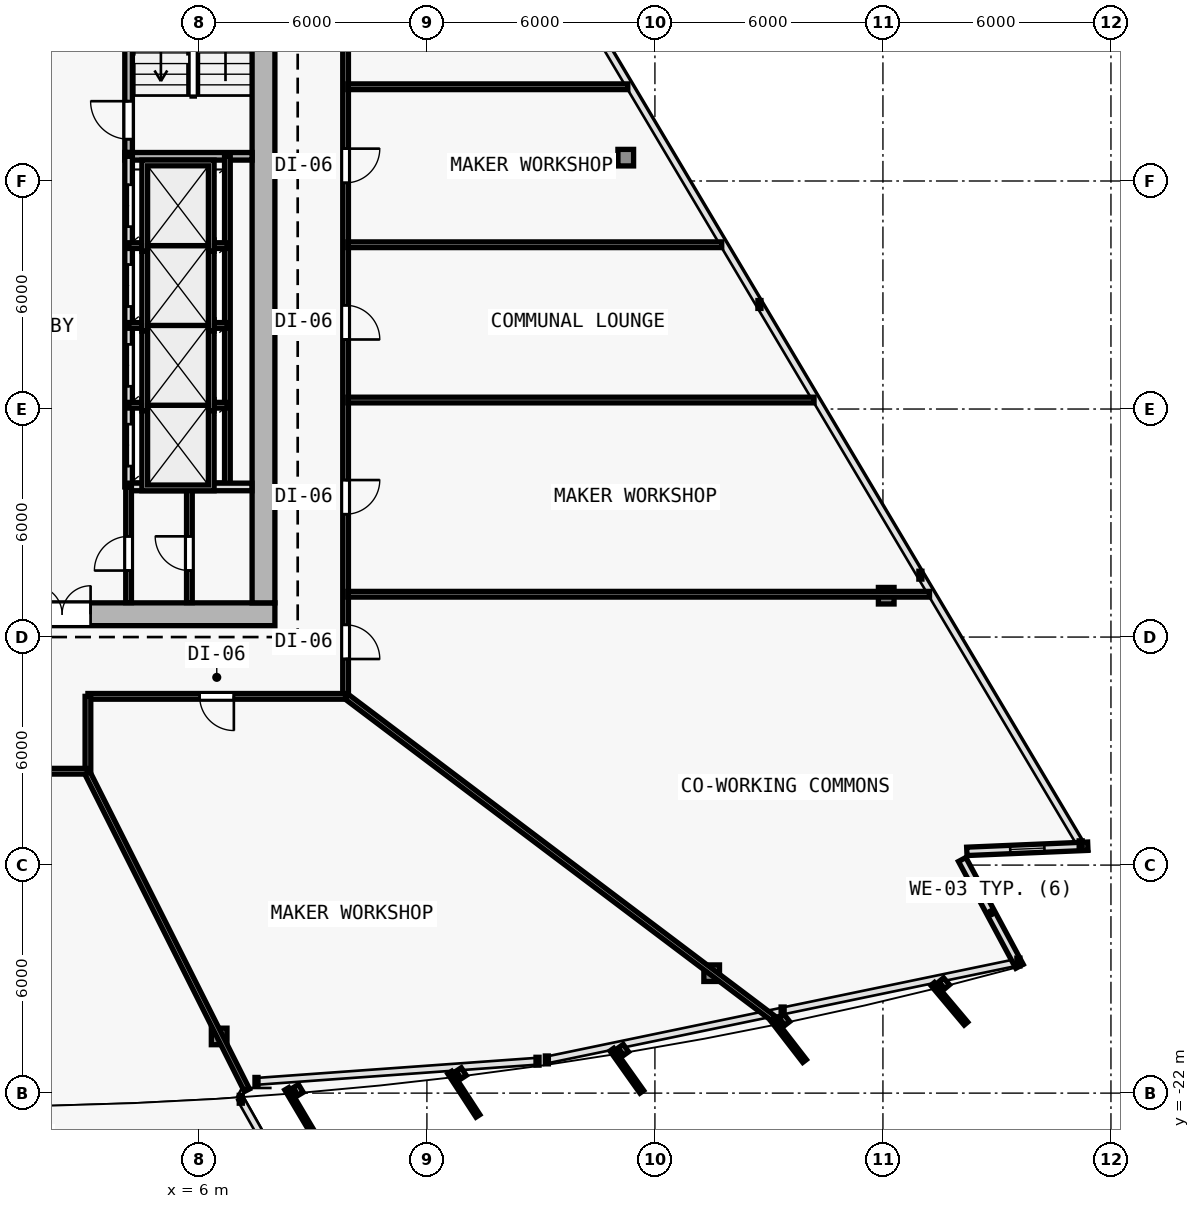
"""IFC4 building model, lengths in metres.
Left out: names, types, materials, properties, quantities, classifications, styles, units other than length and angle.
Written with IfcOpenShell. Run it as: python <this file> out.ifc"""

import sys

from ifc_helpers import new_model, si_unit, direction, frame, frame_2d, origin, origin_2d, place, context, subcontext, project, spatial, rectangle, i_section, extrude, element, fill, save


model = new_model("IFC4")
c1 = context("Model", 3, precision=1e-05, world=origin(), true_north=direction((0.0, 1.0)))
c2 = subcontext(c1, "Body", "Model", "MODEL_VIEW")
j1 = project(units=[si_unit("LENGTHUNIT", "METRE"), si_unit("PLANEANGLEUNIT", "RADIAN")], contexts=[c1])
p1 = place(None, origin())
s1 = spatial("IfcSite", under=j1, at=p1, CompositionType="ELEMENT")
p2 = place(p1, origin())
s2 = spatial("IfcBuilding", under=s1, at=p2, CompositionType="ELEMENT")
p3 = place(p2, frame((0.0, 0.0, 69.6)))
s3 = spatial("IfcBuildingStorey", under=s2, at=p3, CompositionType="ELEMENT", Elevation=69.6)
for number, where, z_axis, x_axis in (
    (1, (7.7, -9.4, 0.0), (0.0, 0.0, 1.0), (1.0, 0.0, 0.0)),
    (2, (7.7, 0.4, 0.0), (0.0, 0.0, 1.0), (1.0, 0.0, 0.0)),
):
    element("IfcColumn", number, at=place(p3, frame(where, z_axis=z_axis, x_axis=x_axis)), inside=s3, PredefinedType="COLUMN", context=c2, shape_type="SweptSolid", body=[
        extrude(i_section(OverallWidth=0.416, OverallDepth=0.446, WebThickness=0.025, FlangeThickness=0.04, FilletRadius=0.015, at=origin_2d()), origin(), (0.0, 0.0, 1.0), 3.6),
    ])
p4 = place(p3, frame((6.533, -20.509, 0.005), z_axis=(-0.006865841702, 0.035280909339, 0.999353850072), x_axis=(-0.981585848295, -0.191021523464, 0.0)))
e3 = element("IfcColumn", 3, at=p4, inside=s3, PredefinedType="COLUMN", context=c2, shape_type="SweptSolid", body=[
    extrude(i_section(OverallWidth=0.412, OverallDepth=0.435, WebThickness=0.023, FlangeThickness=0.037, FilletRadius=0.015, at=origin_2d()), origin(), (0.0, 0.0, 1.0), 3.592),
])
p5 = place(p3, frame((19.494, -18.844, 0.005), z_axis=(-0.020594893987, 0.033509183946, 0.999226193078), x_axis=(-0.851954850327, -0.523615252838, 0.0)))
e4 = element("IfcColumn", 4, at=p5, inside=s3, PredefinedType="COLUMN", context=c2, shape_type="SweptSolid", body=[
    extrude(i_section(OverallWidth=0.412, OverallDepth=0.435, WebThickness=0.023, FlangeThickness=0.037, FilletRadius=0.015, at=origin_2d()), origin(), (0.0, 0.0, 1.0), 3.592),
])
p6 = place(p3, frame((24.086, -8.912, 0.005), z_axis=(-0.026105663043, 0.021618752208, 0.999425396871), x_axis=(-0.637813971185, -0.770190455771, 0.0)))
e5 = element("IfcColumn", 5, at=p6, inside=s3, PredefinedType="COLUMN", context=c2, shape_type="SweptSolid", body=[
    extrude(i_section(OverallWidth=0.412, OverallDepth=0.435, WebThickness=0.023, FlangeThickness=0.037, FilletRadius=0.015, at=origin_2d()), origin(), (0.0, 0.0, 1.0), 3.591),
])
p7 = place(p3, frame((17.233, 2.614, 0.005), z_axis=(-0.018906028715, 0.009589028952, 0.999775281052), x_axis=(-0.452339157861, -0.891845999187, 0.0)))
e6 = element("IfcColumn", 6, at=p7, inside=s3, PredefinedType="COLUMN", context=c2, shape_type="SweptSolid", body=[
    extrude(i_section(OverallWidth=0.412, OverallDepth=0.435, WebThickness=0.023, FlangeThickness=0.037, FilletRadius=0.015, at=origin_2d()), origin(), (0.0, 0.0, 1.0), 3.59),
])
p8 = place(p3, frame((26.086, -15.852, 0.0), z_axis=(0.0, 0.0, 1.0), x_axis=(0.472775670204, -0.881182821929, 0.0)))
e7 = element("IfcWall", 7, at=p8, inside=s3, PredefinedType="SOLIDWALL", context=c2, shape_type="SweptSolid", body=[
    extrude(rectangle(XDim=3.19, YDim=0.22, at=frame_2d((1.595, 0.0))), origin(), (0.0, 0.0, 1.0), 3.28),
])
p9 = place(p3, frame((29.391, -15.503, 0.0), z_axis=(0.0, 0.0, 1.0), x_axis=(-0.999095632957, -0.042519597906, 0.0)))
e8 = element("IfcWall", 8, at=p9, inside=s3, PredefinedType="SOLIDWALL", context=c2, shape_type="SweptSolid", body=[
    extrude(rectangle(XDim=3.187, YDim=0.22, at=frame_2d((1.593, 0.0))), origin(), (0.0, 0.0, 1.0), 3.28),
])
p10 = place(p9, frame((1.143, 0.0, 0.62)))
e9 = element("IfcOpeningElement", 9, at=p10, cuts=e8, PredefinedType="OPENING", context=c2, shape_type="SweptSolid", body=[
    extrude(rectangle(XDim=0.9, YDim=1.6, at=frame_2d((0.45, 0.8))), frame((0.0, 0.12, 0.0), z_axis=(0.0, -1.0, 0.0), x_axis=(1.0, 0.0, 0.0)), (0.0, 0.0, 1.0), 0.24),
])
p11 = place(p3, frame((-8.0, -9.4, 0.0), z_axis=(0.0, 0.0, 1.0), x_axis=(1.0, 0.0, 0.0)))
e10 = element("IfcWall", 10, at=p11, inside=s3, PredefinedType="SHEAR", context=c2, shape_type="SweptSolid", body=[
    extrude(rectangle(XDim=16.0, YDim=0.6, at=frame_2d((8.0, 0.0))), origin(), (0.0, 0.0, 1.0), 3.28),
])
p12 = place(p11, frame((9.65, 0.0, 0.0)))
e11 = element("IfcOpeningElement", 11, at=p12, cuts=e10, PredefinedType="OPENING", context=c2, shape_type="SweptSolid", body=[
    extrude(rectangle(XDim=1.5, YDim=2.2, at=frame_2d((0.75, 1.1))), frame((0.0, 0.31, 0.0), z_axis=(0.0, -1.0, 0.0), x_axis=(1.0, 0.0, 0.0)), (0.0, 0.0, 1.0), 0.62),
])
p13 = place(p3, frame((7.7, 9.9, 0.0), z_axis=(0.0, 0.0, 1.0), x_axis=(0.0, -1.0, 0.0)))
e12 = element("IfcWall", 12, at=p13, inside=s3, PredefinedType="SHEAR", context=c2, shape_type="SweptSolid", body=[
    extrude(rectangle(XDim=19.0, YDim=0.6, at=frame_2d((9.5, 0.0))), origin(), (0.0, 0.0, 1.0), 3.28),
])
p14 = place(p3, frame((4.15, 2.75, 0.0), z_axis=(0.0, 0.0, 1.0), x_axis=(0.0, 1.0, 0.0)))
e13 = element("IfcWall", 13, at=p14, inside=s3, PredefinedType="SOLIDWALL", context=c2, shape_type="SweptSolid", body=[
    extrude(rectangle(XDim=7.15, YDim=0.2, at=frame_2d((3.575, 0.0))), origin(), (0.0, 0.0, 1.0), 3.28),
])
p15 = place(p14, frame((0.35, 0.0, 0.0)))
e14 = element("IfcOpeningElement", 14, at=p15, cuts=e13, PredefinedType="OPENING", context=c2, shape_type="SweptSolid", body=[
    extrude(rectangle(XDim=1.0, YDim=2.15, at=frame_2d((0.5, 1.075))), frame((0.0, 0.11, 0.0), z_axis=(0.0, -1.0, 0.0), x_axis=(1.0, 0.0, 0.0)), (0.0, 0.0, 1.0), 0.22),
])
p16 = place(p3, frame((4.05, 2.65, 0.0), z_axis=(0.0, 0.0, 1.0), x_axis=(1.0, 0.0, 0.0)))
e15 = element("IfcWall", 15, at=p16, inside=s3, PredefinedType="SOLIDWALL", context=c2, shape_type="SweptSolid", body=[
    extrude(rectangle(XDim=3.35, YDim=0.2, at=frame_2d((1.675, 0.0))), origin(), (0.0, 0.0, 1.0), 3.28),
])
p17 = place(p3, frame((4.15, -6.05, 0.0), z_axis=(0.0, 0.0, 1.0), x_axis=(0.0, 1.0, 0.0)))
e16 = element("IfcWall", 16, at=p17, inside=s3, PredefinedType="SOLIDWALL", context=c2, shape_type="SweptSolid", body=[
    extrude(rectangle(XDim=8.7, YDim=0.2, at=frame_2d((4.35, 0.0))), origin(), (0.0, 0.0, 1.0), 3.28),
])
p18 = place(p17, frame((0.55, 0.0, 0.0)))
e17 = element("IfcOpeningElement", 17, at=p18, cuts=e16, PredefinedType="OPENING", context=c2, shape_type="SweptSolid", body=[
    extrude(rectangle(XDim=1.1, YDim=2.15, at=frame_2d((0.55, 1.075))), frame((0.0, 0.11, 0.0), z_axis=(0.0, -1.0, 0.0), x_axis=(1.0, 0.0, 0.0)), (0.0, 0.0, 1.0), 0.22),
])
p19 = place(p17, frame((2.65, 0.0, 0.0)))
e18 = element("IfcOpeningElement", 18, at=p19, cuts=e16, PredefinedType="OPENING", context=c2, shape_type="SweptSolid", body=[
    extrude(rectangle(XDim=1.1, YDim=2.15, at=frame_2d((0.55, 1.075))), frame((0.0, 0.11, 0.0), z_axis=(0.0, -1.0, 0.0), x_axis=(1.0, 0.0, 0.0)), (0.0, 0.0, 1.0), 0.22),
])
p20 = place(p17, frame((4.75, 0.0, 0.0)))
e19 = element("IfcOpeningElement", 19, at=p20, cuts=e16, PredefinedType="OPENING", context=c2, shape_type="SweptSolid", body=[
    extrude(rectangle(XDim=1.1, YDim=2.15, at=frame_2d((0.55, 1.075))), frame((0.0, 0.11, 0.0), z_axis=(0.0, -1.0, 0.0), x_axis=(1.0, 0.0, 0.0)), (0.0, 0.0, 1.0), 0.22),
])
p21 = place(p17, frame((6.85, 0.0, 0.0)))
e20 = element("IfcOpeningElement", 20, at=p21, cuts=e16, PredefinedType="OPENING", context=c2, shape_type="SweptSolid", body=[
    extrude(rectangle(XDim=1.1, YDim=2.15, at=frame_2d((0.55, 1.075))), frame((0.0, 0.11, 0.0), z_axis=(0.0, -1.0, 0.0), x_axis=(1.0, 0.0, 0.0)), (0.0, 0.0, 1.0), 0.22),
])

◇ ◇ ◇ ◇ ◇

** Problem details **
Leave the pictures out and reproduce exactly the lines from the top of the listing above through the line with "world=origin(), true_north=direction((0.0, 1.0)))".

** Answer area **
"""IFC4 building model, lengths in metres.
Left out: names, types, materials, properties, quantities, classifications, styles, units other than length and angle.
Written with IfcOpenShell. Run it as: python <this file> out.ifc"""

import sys

from ifc_helpers import new_model, si_unit, direction, frame, frame_2d, origin, origin_2d, place, context, subcontext, project, spatial, rectangle, i_section, extrude, element, fill, save


model = new_model("IFC4")
c1 = context("Model", 3, precision=1e-05, world=origin(), true_north=direction((0.0, 1.0)))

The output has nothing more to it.